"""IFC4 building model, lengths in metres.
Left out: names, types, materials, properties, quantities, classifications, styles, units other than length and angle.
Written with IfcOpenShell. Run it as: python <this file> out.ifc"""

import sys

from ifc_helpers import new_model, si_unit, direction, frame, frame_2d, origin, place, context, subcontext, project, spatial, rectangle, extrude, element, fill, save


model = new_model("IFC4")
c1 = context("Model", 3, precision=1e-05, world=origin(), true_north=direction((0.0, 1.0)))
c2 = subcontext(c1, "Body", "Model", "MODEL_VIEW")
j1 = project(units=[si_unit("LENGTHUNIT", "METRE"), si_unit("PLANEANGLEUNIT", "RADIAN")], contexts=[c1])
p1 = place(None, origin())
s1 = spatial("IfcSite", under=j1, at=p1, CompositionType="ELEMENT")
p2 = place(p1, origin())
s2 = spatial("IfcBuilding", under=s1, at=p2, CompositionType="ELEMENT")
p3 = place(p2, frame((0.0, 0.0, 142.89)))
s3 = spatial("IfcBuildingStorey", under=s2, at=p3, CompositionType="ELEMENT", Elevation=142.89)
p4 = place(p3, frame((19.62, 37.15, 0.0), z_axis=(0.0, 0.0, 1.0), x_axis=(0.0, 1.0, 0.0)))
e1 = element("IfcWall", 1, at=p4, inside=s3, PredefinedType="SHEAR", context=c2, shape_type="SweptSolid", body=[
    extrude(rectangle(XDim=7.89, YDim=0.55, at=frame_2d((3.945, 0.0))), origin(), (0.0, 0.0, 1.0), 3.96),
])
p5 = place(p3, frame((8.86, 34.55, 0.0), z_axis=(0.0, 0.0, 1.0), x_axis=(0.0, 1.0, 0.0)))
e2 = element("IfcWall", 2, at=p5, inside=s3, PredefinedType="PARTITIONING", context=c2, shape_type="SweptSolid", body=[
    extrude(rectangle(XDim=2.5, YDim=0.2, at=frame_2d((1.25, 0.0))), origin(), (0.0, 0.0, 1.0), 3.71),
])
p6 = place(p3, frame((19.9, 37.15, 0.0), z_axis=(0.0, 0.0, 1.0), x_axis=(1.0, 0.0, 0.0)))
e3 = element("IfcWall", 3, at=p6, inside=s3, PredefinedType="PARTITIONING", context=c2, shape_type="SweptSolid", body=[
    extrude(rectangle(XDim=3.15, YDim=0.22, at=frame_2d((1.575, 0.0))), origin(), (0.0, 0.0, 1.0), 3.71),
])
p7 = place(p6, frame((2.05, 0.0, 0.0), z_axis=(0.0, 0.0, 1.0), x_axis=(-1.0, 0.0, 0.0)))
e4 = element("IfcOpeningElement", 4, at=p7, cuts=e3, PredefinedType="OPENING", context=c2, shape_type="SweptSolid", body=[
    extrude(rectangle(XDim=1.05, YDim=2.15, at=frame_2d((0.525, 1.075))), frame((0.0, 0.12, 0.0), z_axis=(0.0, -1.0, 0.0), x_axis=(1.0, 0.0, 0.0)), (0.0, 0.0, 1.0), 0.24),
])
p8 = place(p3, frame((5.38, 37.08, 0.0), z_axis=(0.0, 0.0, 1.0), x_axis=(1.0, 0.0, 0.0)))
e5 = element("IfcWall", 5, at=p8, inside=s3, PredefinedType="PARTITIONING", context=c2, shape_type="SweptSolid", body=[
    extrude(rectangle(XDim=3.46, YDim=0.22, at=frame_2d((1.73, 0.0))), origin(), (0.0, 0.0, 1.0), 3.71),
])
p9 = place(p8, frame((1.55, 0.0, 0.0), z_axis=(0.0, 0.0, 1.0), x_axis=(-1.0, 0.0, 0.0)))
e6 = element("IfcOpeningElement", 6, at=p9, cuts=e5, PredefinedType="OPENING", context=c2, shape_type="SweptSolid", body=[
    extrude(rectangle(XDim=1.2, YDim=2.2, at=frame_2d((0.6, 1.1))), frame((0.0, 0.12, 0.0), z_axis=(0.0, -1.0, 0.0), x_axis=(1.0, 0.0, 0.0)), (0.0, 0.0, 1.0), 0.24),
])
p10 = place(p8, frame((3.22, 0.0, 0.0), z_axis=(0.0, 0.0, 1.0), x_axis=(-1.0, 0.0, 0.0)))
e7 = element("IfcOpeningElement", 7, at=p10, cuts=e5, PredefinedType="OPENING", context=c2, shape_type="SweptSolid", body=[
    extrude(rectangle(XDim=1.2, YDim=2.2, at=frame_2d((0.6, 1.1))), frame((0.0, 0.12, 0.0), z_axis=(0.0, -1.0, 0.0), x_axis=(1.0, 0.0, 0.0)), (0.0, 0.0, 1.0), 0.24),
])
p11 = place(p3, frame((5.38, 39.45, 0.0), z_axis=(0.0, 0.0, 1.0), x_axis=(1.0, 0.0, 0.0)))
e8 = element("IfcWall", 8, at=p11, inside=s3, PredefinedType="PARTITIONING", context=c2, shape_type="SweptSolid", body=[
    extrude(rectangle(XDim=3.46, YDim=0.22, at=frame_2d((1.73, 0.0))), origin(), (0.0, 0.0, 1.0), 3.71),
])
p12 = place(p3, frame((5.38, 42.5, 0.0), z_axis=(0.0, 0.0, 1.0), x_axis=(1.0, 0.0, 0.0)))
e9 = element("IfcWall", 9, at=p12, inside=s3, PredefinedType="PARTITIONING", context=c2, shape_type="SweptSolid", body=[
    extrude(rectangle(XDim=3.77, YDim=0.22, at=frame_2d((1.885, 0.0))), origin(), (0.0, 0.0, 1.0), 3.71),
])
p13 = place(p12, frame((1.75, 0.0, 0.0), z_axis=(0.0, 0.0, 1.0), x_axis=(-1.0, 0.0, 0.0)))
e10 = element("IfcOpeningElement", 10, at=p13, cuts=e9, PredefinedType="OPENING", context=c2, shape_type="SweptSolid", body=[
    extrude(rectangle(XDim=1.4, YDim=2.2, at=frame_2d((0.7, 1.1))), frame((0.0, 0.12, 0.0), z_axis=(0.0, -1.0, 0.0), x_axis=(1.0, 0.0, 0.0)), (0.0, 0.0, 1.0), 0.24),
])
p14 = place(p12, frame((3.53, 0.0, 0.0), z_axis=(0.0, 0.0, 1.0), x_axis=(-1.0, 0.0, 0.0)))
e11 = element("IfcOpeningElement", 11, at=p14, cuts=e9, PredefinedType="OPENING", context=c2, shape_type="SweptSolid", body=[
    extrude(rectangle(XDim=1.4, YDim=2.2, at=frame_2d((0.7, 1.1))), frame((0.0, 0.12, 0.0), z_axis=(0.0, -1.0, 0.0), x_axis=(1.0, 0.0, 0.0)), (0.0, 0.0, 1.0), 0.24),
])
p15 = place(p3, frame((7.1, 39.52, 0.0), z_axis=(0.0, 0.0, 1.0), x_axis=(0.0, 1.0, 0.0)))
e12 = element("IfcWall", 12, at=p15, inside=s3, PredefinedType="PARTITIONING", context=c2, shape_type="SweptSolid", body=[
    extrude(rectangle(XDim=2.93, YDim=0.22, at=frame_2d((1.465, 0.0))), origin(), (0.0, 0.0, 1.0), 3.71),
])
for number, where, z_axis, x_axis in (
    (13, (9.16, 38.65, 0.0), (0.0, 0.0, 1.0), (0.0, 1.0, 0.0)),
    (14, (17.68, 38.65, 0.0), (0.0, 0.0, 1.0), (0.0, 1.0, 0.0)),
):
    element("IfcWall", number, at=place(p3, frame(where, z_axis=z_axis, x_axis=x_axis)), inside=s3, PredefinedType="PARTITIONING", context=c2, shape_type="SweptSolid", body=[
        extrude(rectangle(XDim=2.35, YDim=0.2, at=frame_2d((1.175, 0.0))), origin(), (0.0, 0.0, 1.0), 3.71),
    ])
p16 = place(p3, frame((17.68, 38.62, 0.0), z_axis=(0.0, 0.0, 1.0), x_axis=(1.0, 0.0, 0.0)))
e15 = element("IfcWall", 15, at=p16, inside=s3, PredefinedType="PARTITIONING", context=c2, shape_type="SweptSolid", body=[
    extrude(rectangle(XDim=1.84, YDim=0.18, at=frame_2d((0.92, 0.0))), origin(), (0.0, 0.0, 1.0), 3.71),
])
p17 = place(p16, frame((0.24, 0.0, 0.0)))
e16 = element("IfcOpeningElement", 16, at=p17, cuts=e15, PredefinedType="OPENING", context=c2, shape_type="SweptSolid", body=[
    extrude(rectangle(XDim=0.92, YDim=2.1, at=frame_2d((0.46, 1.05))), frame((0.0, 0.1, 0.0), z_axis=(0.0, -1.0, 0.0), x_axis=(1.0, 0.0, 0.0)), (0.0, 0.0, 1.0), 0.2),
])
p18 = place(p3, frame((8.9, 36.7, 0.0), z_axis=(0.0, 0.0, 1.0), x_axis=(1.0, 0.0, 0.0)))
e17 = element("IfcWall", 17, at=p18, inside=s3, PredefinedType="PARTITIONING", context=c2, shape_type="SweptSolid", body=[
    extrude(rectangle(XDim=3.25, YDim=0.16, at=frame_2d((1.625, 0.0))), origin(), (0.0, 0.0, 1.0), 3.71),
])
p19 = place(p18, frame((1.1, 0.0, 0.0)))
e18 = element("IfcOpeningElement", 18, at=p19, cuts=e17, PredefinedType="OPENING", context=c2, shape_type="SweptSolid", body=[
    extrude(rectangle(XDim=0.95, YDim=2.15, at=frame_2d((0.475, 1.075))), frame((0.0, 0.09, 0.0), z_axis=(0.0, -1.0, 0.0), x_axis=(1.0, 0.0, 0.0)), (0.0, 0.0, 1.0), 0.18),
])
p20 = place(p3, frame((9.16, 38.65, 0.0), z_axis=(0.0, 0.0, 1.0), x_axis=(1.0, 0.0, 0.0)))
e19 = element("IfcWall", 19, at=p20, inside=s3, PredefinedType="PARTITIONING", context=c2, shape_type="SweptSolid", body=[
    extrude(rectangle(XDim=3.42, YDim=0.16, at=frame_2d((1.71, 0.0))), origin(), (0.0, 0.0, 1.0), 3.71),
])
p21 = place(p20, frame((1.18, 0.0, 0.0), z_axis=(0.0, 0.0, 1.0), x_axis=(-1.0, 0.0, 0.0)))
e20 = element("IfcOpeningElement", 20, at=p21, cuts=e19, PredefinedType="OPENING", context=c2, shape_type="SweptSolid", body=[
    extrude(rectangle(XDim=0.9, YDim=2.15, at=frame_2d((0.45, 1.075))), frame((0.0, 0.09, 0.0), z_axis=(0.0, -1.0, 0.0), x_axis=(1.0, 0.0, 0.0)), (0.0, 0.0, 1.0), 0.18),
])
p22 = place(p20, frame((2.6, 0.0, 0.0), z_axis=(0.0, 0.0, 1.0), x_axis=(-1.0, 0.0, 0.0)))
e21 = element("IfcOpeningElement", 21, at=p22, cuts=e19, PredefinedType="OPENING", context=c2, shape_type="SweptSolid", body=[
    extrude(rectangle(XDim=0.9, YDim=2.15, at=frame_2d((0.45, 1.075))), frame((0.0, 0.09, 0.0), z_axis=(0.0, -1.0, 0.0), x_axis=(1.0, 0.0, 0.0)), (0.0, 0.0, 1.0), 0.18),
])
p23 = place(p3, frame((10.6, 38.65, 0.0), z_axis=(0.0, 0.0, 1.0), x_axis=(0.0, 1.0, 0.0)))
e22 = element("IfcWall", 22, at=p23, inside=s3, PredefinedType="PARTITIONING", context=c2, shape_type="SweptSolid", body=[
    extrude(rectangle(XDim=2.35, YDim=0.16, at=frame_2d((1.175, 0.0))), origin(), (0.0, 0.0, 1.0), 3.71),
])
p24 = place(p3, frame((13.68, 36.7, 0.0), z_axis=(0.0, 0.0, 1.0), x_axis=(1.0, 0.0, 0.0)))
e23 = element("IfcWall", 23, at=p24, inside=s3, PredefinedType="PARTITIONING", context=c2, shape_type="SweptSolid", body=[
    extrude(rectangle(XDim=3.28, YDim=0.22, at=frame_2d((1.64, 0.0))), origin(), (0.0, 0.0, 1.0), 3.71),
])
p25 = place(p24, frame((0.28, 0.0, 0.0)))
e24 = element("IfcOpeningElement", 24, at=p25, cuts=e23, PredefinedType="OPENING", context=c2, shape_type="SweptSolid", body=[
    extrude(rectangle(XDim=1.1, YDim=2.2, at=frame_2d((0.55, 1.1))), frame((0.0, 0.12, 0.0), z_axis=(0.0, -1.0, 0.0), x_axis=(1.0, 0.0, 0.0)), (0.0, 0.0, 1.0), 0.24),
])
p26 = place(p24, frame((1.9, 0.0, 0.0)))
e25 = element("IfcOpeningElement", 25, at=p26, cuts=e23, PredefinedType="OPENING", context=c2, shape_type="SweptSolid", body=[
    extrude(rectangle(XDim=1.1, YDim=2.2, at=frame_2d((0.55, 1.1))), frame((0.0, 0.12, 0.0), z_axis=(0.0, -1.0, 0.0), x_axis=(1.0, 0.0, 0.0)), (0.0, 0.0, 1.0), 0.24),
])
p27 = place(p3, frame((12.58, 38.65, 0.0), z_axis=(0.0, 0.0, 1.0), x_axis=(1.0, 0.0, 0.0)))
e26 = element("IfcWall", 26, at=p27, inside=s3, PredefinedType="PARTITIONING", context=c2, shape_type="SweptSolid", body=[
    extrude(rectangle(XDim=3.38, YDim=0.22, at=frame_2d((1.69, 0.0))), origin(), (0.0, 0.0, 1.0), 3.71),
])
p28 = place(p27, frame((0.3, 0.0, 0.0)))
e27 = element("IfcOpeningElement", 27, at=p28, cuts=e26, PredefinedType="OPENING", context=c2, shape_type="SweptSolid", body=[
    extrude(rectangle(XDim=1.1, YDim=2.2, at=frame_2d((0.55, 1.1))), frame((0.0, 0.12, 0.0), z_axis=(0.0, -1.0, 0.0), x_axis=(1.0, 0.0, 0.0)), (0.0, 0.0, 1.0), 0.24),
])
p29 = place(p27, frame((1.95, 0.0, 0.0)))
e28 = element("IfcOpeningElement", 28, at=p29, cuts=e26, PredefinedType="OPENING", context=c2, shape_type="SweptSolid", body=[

What is expected ▸
Search the entries for the string "number" and collect each line that has it.

The answer ▸
for number, where, z_axis, x_axis in (
    element("IfcWall", number, at=place(p3, frame(where, z_axis=z_axis, x_axis=x_axis)), inside=s3, PredefinedType="PARTITIONING", context=c2, shape_type="SweptSolid", body=[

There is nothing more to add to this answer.